Task -
Your answer must hold only the lines below from the line containing "#64=CARTESIAN_POINT('',(12.071,16.076,15.271));" through the line containing "#81=CARTESIAN_POINT('',(11.769,15.665,14.675));", each reproduced exactly.

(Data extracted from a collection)

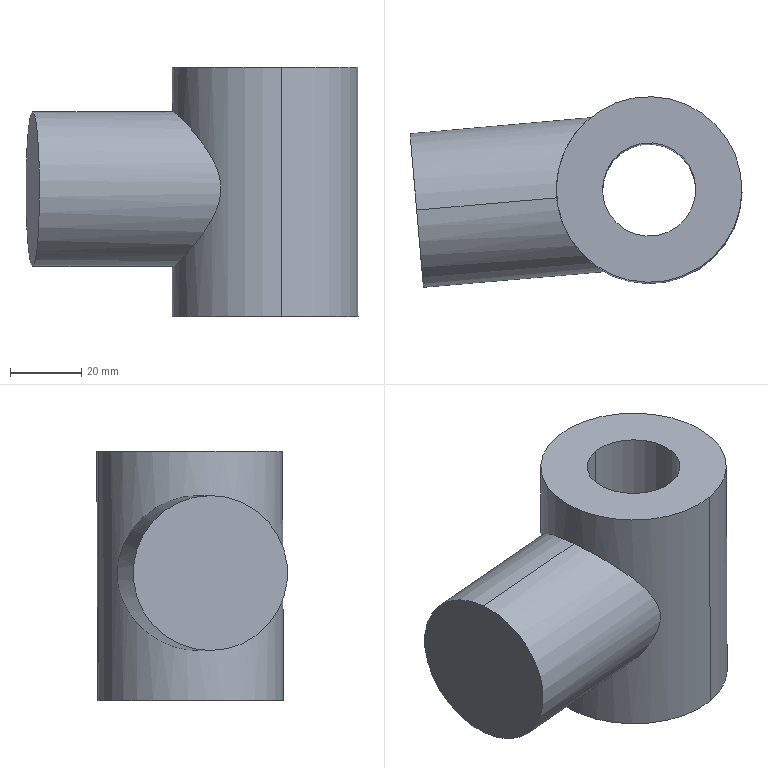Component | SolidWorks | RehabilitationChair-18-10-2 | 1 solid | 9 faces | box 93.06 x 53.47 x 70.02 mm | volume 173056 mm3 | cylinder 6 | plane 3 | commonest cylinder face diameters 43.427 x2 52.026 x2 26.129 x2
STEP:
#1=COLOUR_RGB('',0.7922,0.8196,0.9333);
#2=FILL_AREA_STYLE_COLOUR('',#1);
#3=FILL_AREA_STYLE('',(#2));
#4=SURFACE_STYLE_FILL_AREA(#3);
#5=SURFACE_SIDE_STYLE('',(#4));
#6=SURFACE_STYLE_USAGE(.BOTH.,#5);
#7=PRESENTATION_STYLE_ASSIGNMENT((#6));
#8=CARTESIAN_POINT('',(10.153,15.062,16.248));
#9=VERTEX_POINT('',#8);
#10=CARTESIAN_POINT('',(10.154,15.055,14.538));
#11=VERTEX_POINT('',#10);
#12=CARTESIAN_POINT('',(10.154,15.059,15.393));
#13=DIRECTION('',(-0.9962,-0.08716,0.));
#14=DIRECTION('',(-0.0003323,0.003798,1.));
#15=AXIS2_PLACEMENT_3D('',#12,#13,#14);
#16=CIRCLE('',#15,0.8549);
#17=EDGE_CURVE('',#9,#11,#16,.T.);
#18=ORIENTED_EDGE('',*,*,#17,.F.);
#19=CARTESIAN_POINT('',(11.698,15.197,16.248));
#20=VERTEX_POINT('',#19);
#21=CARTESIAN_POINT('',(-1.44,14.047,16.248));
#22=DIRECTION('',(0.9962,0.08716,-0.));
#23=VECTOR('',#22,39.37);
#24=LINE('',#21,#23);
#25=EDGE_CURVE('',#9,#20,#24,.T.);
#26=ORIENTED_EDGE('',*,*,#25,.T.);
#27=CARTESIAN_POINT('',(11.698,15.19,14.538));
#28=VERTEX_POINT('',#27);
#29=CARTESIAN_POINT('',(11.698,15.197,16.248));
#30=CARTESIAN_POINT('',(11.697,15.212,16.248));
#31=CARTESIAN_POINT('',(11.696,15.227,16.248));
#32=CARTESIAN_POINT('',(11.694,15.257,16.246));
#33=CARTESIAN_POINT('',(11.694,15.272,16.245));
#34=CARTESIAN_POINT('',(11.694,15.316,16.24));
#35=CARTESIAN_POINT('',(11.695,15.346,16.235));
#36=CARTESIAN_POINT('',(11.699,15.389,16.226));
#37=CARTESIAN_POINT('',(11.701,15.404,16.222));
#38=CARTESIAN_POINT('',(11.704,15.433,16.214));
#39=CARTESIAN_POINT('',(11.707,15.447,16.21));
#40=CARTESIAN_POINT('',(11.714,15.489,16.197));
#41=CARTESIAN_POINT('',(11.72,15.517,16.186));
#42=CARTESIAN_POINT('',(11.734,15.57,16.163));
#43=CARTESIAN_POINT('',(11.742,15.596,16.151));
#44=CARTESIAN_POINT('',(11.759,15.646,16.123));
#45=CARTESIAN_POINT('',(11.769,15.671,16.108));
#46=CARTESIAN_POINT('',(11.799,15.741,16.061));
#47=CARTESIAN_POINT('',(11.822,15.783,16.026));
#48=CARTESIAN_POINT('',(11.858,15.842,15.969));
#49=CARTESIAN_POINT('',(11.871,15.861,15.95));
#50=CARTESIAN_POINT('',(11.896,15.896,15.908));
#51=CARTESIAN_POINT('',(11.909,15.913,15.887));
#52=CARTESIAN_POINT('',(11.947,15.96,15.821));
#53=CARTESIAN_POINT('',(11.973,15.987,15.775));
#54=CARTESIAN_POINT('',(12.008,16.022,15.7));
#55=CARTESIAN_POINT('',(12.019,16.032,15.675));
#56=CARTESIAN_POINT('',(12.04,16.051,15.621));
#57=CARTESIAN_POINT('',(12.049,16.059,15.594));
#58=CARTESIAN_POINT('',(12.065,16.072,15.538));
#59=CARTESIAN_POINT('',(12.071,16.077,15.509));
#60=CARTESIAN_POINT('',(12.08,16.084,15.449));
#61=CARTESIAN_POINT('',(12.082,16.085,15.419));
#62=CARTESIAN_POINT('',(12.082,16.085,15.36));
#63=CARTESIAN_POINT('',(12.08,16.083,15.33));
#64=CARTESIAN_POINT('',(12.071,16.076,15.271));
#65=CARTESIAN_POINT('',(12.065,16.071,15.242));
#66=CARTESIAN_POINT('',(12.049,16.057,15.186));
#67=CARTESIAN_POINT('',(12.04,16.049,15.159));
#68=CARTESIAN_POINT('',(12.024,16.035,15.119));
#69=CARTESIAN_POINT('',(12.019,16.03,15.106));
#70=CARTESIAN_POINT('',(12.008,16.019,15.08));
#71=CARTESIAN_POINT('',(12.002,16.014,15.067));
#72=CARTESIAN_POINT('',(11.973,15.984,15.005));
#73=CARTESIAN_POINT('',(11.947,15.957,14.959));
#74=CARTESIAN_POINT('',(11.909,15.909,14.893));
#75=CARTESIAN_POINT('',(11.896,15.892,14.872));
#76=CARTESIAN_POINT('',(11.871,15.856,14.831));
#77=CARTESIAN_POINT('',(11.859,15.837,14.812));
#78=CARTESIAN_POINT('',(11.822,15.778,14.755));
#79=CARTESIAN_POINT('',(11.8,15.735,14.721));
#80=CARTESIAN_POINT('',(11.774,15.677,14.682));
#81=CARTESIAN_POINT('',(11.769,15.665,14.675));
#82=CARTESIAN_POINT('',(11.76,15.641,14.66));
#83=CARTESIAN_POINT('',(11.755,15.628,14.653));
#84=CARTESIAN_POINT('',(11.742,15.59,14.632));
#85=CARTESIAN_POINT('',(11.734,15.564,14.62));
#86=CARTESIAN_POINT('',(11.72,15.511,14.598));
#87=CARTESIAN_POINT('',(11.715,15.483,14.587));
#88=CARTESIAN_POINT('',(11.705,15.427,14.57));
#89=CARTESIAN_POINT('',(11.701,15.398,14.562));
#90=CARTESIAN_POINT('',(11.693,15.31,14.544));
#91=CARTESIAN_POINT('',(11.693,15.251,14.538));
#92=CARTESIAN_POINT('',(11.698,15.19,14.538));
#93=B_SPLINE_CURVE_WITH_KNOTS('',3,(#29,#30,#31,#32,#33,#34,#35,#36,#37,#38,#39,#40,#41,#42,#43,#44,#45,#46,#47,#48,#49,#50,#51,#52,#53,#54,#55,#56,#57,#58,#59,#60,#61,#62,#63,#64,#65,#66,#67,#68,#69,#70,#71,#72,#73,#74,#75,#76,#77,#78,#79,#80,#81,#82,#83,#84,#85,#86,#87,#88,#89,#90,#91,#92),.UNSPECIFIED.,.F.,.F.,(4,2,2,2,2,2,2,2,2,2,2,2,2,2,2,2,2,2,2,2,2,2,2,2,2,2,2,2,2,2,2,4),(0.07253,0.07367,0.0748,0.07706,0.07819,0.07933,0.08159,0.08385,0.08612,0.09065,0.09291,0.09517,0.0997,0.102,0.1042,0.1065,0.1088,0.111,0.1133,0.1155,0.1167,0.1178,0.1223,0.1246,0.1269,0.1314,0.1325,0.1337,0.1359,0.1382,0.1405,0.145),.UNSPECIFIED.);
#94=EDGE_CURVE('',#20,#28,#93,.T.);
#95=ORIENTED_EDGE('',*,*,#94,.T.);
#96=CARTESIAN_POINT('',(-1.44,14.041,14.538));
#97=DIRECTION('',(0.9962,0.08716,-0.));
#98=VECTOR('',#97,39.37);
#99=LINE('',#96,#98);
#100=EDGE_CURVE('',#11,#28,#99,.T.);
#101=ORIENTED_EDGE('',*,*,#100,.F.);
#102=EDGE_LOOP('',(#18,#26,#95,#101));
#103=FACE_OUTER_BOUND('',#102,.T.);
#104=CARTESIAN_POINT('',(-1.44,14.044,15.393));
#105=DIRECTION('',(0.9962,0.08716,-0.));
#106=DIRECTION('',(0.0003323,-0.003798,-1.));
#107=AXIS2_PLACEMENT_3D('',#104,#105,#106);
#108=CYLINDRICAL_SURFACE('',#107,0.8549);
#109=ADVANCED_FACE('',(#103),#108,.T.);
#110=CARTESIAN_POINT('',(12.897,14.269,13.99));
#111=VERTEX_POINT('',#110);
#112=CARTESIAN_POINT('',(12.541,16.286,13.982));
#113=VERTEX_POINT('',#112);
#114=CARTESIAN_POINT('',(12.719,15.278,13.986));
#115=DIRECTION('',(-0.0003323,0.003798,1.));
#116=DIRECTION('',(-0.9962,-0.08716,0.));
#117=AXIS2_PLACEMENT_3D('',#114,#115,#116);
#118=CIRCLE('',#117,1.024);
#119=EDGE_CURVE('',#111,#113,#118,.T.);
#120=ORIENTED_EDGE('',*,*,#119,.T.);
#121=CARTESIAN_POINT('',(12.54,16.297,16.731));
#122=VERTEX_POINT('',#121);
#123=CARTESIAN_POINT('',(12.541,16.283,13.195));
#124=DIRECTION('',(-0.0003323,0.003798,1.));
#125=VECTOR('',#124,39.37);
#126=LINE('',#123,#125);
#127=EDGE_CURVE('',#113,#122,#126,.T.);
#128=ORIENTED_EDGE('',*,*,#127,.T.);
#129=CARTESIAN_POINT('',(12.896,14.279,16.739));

Task answer -
#64=CARTESIAN_POINT('',(12.071,16.076,15.271));
#65=CARTESIAN_POINT('',(12.065,16.071,15.242));
#66=CARTESIAN_POINT('',(12.049,16.057,15.186));
#67=CARTESIAN_POINT('',(12.04,16.049,15.159));
#68=CARTESIAN_POINT('',(12.024,16.035,15.119));
#69=CARTESIAN_POINT('',(12.019,16.03,15.106));
#70=CARTESIAN_POINT('',(12.008,16.019,15.08));
#71=CARTESIAN_POINT('',(12.002,16.014,15.067));
#72=CARTESIAN_POINT('',(11.973,15.984,15.005));
#73=CARTESIAN_POINT('',(11.947,15.957,14.959));
#74=CARTESIAN_POINT('',(11.909,15.909,14.893));
#75=CARTESIAN_POINT('',(11.896,15.892,14.872));
#76=CARTESIAN_POINT('',(11.871,15.856,14.831));
#77=CARTESIAN_POINT('',(11.859,15.837,14.812));
#78=CARTESIAN_POINT('',(11.822,15.778,14.755));
#79=CARTESIAN_POINT('',(11.8,15.735,14.721));
#80=CARTESIAN_POINT('',(11.774,15.677,14.682));
#81=CARTESIAN_POINT('',(11.769,15.665,14.675));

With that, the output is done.